### WHAT YOU SHOULD DO:
Two lines below mark the span: the one containing "#132=EDGE_CURVE('',#116,#127,#131,.T.);" and the one containing "#154=AXIS2_PLACEMENT_3D('',#151,#152,#153);". Set down both, plus every line between, exactly as they stand, and nothing else.

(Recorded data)
+---+

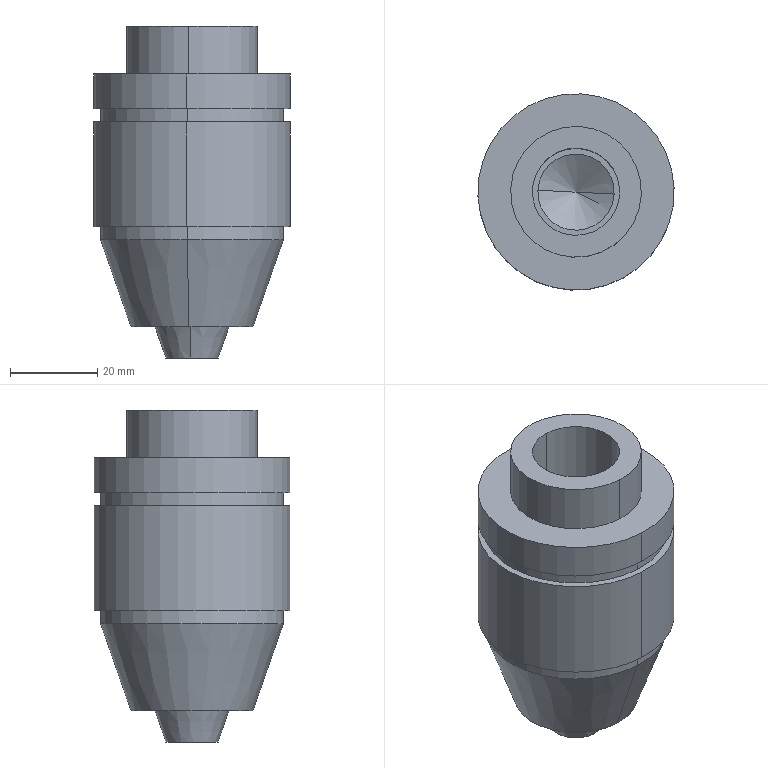Component | SolidWorks | 13-1 | 1 solid | 28 faces | box 45 x 45 x 76.14 mm | volume 73334 mm3 | cylinder 14 | plane 8 | cone 6 | commonest cylinder face diameters 42 x4 45 x4 17.5 x2 20 x2 30 x2
build123d program:
from build123d import *

# Parameters (mm, degrees)
M20_TAPPED_HOLE1_D     = 17.5
M20_TAPPED_HOLE1_DEPTH = 45
M20_TAPPED_HOLE1_TIP   = 5.258
SKETCH1_R              = 10
CUT_EXTRUDE1_DEPTH     = 42


with BuildPart() as part:
    # Sketch1_2 → Revolve1 (revolve)
    with BuildSketch(Plane.XY):
        Polygon((0, 0), (15, 0), (15, -11), (22.5, -11), (22.5, -19), (21, -19), (21, -22), (22.5, -22), (22.5, -46), (21, -46), (21, -49), (14, -69), (8.5, -69), (6, -76.143), (0, -76.143), align=None)
    revolve(axis=Axis((0, -76.143, 0), (0, 1, 0)))

    # M20 Tapped Hole1
    with Locations(Plane(origin=(0, 0, 0), x_dir=(1, 0, 0), z_dir=(0, 1, 0))):
        with Locations((0, 0)):
            Hole(M20_TAPPED_HOLE1_D / 2, depth=M20_TAPPED_HOLE1_DEPTH)
            with Locations((0, 0, -(M20_TAPPED_HOLE1_DEPTH + M20_TAPPED_HOLE1_TIP / 2))):  # 118° drill point
                Cone(0, M20_TAPPED_HOLE1_D / 2, M20_TAPPED_HOLE1_TIP, mode=Mode.SUBTRACT)

    # Sketch1 → Cut-Extrude1 (cut)
    with BuildSketch(Plane(origin=(0, 0, 0), x_dir=(1, 0, 0), z_dir=(0, 1, 0))):
        with Locations(Location((0, 0, 0), (0, 0, 180))):
            Circle(SKETCH1_R)
    extrude(amount=-CUT_EXTRUDE1_DEPTH, mode=Mode.SUBTRACT)


solid = part.part

# Placed as in the assembly
solid = solid.moved(Location((-135.043, 380.991, 535.213), (90, 0, 0)))
STEP:
#1=COLOUR_RGB('',0.7922,0.8196,0.9333);
#2=FILL_AREA_STYLE_COLOUR('',#1);
#3=FILL_AREA_STYLE('',(#2));
#4=SURFACE_STYLE_FILL_AREA(#3);
#5=SURFACE_SIDE_STYLE('',(#4));
#6=SURFACE_STYLE_USAGE(.BOTH.,#5);
#7=PRESENTATION_STYLE_ASSIGNMENT((#6));
#8=CARTESIAN_POINT('',(-5.661,15.017,19.3));
#9=VERTEX_POINT('',#8);
#10=CARTESIAN_POINT('',(-4.973,14.982,19.3));
#11=VERTEX_POINT('',#10);
#12=CARTESIAN_POINT('',(-5.317,15.,19.3));
#13=DIRECTION('',(-0.,0.,1.));
#14=DIRECTION('',(0.9987,-0.05151,0.));
#15=AXIS2_PLACEMENT_3D('',#12,#13,#14);
#16=CIRCLE('',#15,0.3445);
#17=EDGE_CURVE('',#9,#11,#16,.T.);
#18=ORIENTED_EDGE('',*,*,#17,.F.);
#19=CARTESIAN_POINT('',(-5.661,15.017,19.418));
#20=VERTEX_POINT('',#19);
#21=CARTESIAN_POINT('',(-5.661,15.017,21.071));
#22=DIRECTION('',(-0.,0.,1.));
#23=VECTOR('',#22,39.37);
#24=LINE('',#21,#23);
#25=EDGE_CURVE('',#9,#20,#24,.T.);
#26=ORIENTED_EDGE('',*,*,#25,.T.);
#27=CARTESIAN_POINT('',(-4.973,14.982,19.418));
#28=VERTEX_POINT('',#27);
#29=CARTESIAN_POINT('',(-5.317,15.,19.418));
#30=DIRECTION('',(0.,-0.,-1.));
#31=DIRECTION('',(-0.05151,-0.9987,0.));
#32=AXIS2_PLACEMENT_3D('',#29,#30,#31);
#33=CIRCLE('',#32,0.3445);
#34=EDGE_CURVE('',#28,#20,#33,.T.);
#35=ORIENTED_EDGE('',*,*,#34,.F.);
#36=CARTESIAN_POINT('',(-4.973,14.982,21.071));
#37=DIRECTION('',(-0.,0.,1.));
#38=VECTOR('',#37,39.37);
#39=LINE('',#36,#38);
#40=EDGE_CURVE('',#11,#28,#39,.T.);
#41=ORIENTED_EDGE('',*,*,#40,.F.);
#42=EDGE_LOOP('',(#18,#26,#35,#41));
#43=FACE_OUTER_BOUND('',#42,.T.);
#44=CARTESIAN_POINT('',(-5.317,15.,21.071));
#45=DIRECTION('',(-0.,0.,1.));
#46=DIRECTION('',(0.9987,-0.05151,0.));
#47=AXIS2_PLACEMENT_3D('',#44,#45,#46);
#48=CYLINDRICAL_SURFACE('',#47,0.3445);
#49=ADVANCED_FACE('',(#43),#48,.F.);
#50=CARTESIAN_POINT('',(-5.317,15.,19.093));
#51=VERTEX_POINT('',#50);
#52=CARTESIAN_POINT('',(-4.973,14.982,19.3));
#53=DIRECTION('',(0.856,-0.04415,0.515));
#54=VECTOR('',#53,39.37);
#55=LINE('',#52,#54);
#56=EDGE_CURVE('',#51,#11,#55,.T.);
#57=ORIENTED_EDGE('',*,*,#56,.F.);
#58=CARTESIAN_POINT('',(-5.661,15.017,19.3));
#59=DIRECTION('',(-0.856,0.04415,0.515));
#60=VECTOR('',#59,39.37);
#61=LINE('',#58,#60);
#62=EDGE_CURVE('',#51,#9,#61,.T.);
#63=ORIENTED_EDGE('',*,*,#62,.T.);
#64=ORIENTED_EDGE('',*,*,#17,.T.);
#65=EDGE_LOOP('',(#57,#63,#64));
#66=FACE_OUTER_BOUND('',#65,.T.);
#67=CARTESIAN_POINT('',(-5.317,15.,19.3));
#68=DIRECTION('',(-0.,0.,1.));
#69=DIRECTION('',(0.9987,-0.05151,0.));
#70=AXIS2_PLACEMENT_3D('',#67,#68,#69);
#71=CONICAL_SURFACE('',#70,0.3445,1.03);
#72=ADVANCED_FACE('',(#66),#71,.F.);
#73=CARTESIAN_POINT('',(-5.296,15.393,19.418));
#74=VERTEX_POINT('',#73);
#75=CARTESIAN_POINT('',(-5.337,14.606,19.418));
#76=VERTEX_POINT('',#75);
#77=CARTESIAN_POINT('',(-5.317,15.,19.418));
#78=DIRECTION('',(-0.,0.,1.));
#79=DIRECTION('',(-0.05151,-0.9987,0.));
#80=AXIS2_PLACEMENT_3D('',#77,#78,#79);
#81=CIRCLE('',#80,0.3937);
#82=EDGE_CURVE('',#74,#76,#81,.T.);
#83=ORIENTED_EDGE('',*,*,#82,.F.);
#84=CARTESIAN_POINT('',(-5.296,15.393,21.071));
#85=VERTEX_POINT('',#84);
#86=CARTESIAN_POINT('',(-5.296,15.393,19.418));
#87=DIRECTION('',(-0.,0.,1.));
#88=VECTOR('',#87,39.37);
#89=LINE('',#86,#88);
#90=EDGE_CURVE('',#74,#85,#89,.T.);
#91=ORIENTED_EDGE('',*,*,#90,.T.);
#92=CARTESIAN_POINT('',(-5.337,14.606,21.071));
#93=VERTEX_POINT('',#92);
#94=CARTESIAN_POINT('',(-5.317,15.,21.071));
#95=DIRECTION('',(-0.,0.,1.));
#96=DIRECTION('',(-0.05151,-0.9987,0.));
#97=AXIS2_PLACEMENT_3D('',#94,#95,#96);
#98=CIRCLE('',#97,0.3937);
#99=EDGE_CURVE('',#85,#93,#98,.T.);
#100=ORIENTED_EDGE('',*,*,#99,.T.);
#101=CARTESIAN_POINT('',(-5.337,14.606,19.418));
#102=DIRECTION('',(-0.,0.,1.));
#103=VECTOR('',#102,39.37);
#104=LINE('',#101,#103);
#105=EDGE_CURVE('',#76,#93,#104,.T.);
#106=ORIENTED_EDGE('',*,*,#105,.F.);
#107=EDGE_LOOP('',(#83,#91,#100,#106));
#108=FACE_OUTER_BOUND('',#107,.T.);
#109=CARTESIAN_POINT('',(-5.317,15.,19.418));
#110=DIRECTION('',(-0.,0.,1.));
#111=DIRECTION('',(-0.05151,-0.9987,0.));
#112=AXIS2_PLACEMENT_3D('',#109,#110,#111);
#113=CYLINDRICAL_SURFACE('',#112,0.3937);
#114=ADVANCED_FACE('',(#108),#113,.F.);
#115=CARTESIAN_POINT('',(-5.304,15.236,18.074));
#116=VERTEX_POINT('',#115);
#117=CARTESIAN_POINT('',(-5.329,14.764,18.074));
#118=VERTEX_POINT('',#117);
#119=CARTESIAN_POINT('',(-5.317,15.,18.074));
#120=DIRECTION('',(0.,-0.,-1.));
#121=DIRECTION('',(0.05151,0.9987,0.));
#122=AXIS2_PLACEMENT_3D('',#119,#120,#121);
#123=CIRCLE('',#122,0.2362);
#124=EDGE_CURVE('',#116,#118,#123,.T.);
#125=ORIENTED_EDGE('',*,*,#124,.F.);
#126=CARTESIAN_POINT('',(-5.299,15.334,18.355));
#127=VERTEX_POINT('',#126);
#128=CARTESIAN_POINT('',(-5.304,15.236,18.074));
#129=DIRECTION('',(0.01702,0.3299,0.9439));
#130=VECTOR('',#129,39.37);
#131=LINE('',#128,#130);
#132=EDGE_CURVE('',#116,#127,#131,.T.);
#133=ORIENTED_EDGE('',*,*,#132,.T.);
#134=CARTESIAN_POINT('',(-5.334,14.665,18.355));
#135=VERTEX_POINT('',#134);
#136=CARTESIAN_POINT('',(-5.317,15.,18.355));
#137=DIRECTION('',(0.,-0.,-1.));
#138=DIRECTION('',(0.05151,0.9987,0.));
#139=AXIS2_PLACEMENT_3D('',#136,#137,#138);
#140=CIRCLE('',#139,0.3346);
#141=EDGE_CURVE('',#127,#135,#140,.T.);
#142=ORIENTED_EDGE('',*,*,#141,.T.);
#143=CARTESIAN_POINT('',(-5.329,14.764,18.074));
#144=DIRECTION('',(-0.01702,-0.3299,0.9439));
#145=VECTOR('',#144,39.37);
#146=LINE('',#143,#145);
#147=EDGE_CURVE('',#118,#135,#146,.T.);
#148=ORIENTED_EDGE('',*,*,#147,.F.);
#149=EDGE_LOOP('',(#125,#133,#142,#148));
#150=FACE_OUTER_BOUND('',#149,.T.);
#151=CARTESIAN_POINT('',(-5.317,15.,18.074));
#152=DIRECTION('',(-0.,0.,1.));
#153=DIRECTION('',(-0.05151,-0.9987,0.));
#154=AXIS2_PLACEMENT_3D('',#151,#152,#153);
#155=CONICAL_SURFACE('',#154,0.2362,0.3367);
#156=ADVANCED_FACE('',(#150),#155,.T.);
#157=CARTESIAN_POINT('',(-5.288,15.55,18.355));
#158=VERTEX_POINT('',#157);
#159=CARTESIAN_POINT('',(-5.345,14.449,18.355));
#160=VERTEX_POINT('',#159);
#161=CARTESIAN_POINT('',(-5.317,15.,18.355));
#162=DIRECTION('',(0.,-0.,-1.));
#163=DIRECTION('',(0.05151,0.9987,0.));
#164=AXIS2_PLACEMENT_3D('',#161,#162,#163);
#165=CIRCLE('',#164,0.5512);
#166=EDGE_CURVE('',#158,#160,#165,.T.);
#167=ORIENTED_EDGE('',*,*,#166,.F.);
#168=CARTESIAN_POINT('',(-5.274,15.825,19.142));
#169=VERTEX_POINT('',#168);
#170=CARTESIAN_POINT('',(-5.288,15.55,18.355));
#171=DIRECTION('',(0.01702,0.3299,0.9439));
#172=VECTOR('',#171,39.37);
#173=LINE('',#170,#172);
#174=EDGE_CURVE('',#158,#169,#173,.T.);
#175=ORIENTED_EDGE('',*,*,#174,.T.);
#176=CARTESIAN_POINT('',(-5.359,14.174,19.142));
#177=VERTEX_POINT('',#176);
#178=CARTESIAN_POINT('',(-5.317,15.,19.142));
#179=DIRECTION('',(0.,-0.,-1.));
#180=DIRECTION('',(0.05151,0.9987,-0.));
#181=AXIS2_PLACEMENT_3D('',#178,#179,#180);
#182=CIRCLE('',#181,0.8268);
#183=EDGE_CURVE('',#169,#177,#182,.T.);
#184=ORIENTED_EDGE('',*,*,#183,.T.);
#185=CARTESIAN_POINT('',(-5.345,14.449,18.355));
#186=DIRECTION('',(-0.01702,-0.3299,0.9439));
#187=VECTOR('',#186,39.37);
#188=LINE('',#185,#187);
#189=EDGE_CURVE('',#160,#177,#188,.T.);
#190=ORIENTED_EDGE('',*,*,#189,.F.);
#191=EDGE_LOOP('',(#167,#175,#184,#190));
#192=FACE_OUTER_BOUND('',#191,.T.);
#193=CARTESIAN_POINT('',(-5.317,15.,18.355));
#194=DIRECTION('',(-0.,0.,1.));
#195=DIRECTION('',(-0.05151,-0.9987,0.));
#196=AXIS2_PLACEMENT_3D('',#193,#194,#195);
#197=CONICAL_SURFACE('',#196,0.5512,0.3367);
#198=ADVANCED_FACE('',(#192),#197,.T.);
#199=CARTESIAN_POINT('',(-5.274,15.825,19.26));
#200=VERTEX_POINT('',#199);
#201=CARTESIAN_POINT('',(-5.359,14.174,19.26));
#202=VERTEX_POINT('',#201);
#203=CARTESIAN_POINT('',(-5.317,15.,19.26));
#204=DIRECTION('',(0.,-0.,-1.));
#205=DIRECTION('',(0.05151,0.9987,-0.));
#206=AXIS2_PLACEMENT_3D('',#203,#204,#205);
#207=CIRCLE('',#206,0.8268);
#208=EDGE_CURVE('',#200,#202,#207,.T.);
#209=ORIENTED_EDGE('',*,*,#208,.T.);
#210=CARTESIAN_POINT('',(-5.359,14.174,18.074));
#211=DIRECTION('',(0.,-0.,-1.));
#212=VECTOR('',#211,39.37);
#213=LINE('',#210,#212);
#214=EDGE_CURVE('',#202,#177,#213,.T.);
#215=ORIENTED_EDGE('',*,*,#214,.T.);
#216=ORIENTED_EDGE('',*,*,#183,.F.);
#217=CARTESIAN_POINT('',(-5.274,15.825,18.074));
#218=DIRECTION('',(0.,-0.,-1.));
#219=VECTOR('',#218,39.37);
#220=LINE('',#217,#219);
#221=EDGE_CURVE('',#200,#169,#220,.T.);
#222=ORIENTED_EDGE('',*,*,#221,.F.);
#223=EDGE_LOOP('',(#209,#215,#216,#222));
#224=FACE_OUTER_BOUND('',#223,.T.);
#225=CARTESIAN_POINT('',(-5.317,15.,18.074));
#226=DIRECTION('',(0.,-0.,-1.));
#227=DIRECTION('',(0.05151,0.9987,-0.));
#228=AXIS2_PLACEMENT_3D('',#225,#226,#227);
#229=CYLINDRICAL_SURFACE('',#228,0.8268);
#230=ADVANCED_FACE('',(#224),#229,.T.);
#231=CARTESIAN_POINT('',(-5.271,15.884,20.205));
#232=VERTEX_POINT('',#231);
#233=CARTESIAN_POINT('',(-5.362,14.115,20.205));
#234=VERTEX_POINT('',#233);
#235=CARTESIAN_POINT('',(-5.317,15.,20.205));
#236=DIRECTION('',(0.,-0.,-1.));
#237=DIRECTION('',(0.05151,0.9987,0.));
#238=AXIS2_PLACEMENT_3D('',#235,#236,#237);
#239=CIRCLE('',#238,0.8858);
#240=EDGE_CURVE('',#232,#234,#239,.T.);
#241=ORIENTED_EDGE('',*,*,#240,.T.);
#242=CARTESIAN_POINT('',(-5.362,14.115,19.26));
#243=VERTEX_POINT('',#242);
#244=CARTESIAN_POINT('',(-5.362,14.115,18.074));
#245=DIRECTION('',(0.,-0.,-1.));
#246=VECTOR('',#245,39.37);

+---+

### OUTPUT BELOW:
#132=EDGE_CURVE('',#116,#127,#131,.T.);
#133=ORIENTED_EDGE('',*,*,#132,.T.);
#134=CARTESIAN_POINT('',(-5.334,14.665,18.355));
#135=VERTEX_POINT('',#134);
#136=CARTESIAN_POINT('',(-5.317,15.,18.355));
#137=DIRECTION('',(0.,-0.,-1.));
#138=DIRECTION('',(0.05151,0.9987,0.));
#139=AXIS2_PLACEMENT_3D('',#136,#137,#138);
#140=CIRCLE('',#139,0.3346);
#141=EDGE_CURVE('',#127,#135,#140,.T.);
#142=ORIENTED_EDGE('',*,*,#141,.T.);
#143=CARTESIAN_POINT('',(-5.329,14.764,18.074));
#144=DIRECTION('',(-0.01702,-0.3299,0.9439));
#145=VECTOR('',#144,39.37);
#146=LINE('',#143,#145);
#147=EDGE_CURVE('',#118,#135,#146,.T.);
#148=ORIENTED_EDGE('',*,*,#147,.F.);
#149=EDGE_LOOP('',(#125,#133,#142,#148));
#150=FACE_OUTER_BOUND('',#149,.T.);
#151=CARTESIAN_POINT('',(-5.317,15.,18.074));
#152=DIRECTION('',(-0.,0.,1.));
#153=DIRECTION('',(-0.05151,-0.9987,0.));
#154=AXIS2_PLACEMENT_3D('',#151,#152,#153);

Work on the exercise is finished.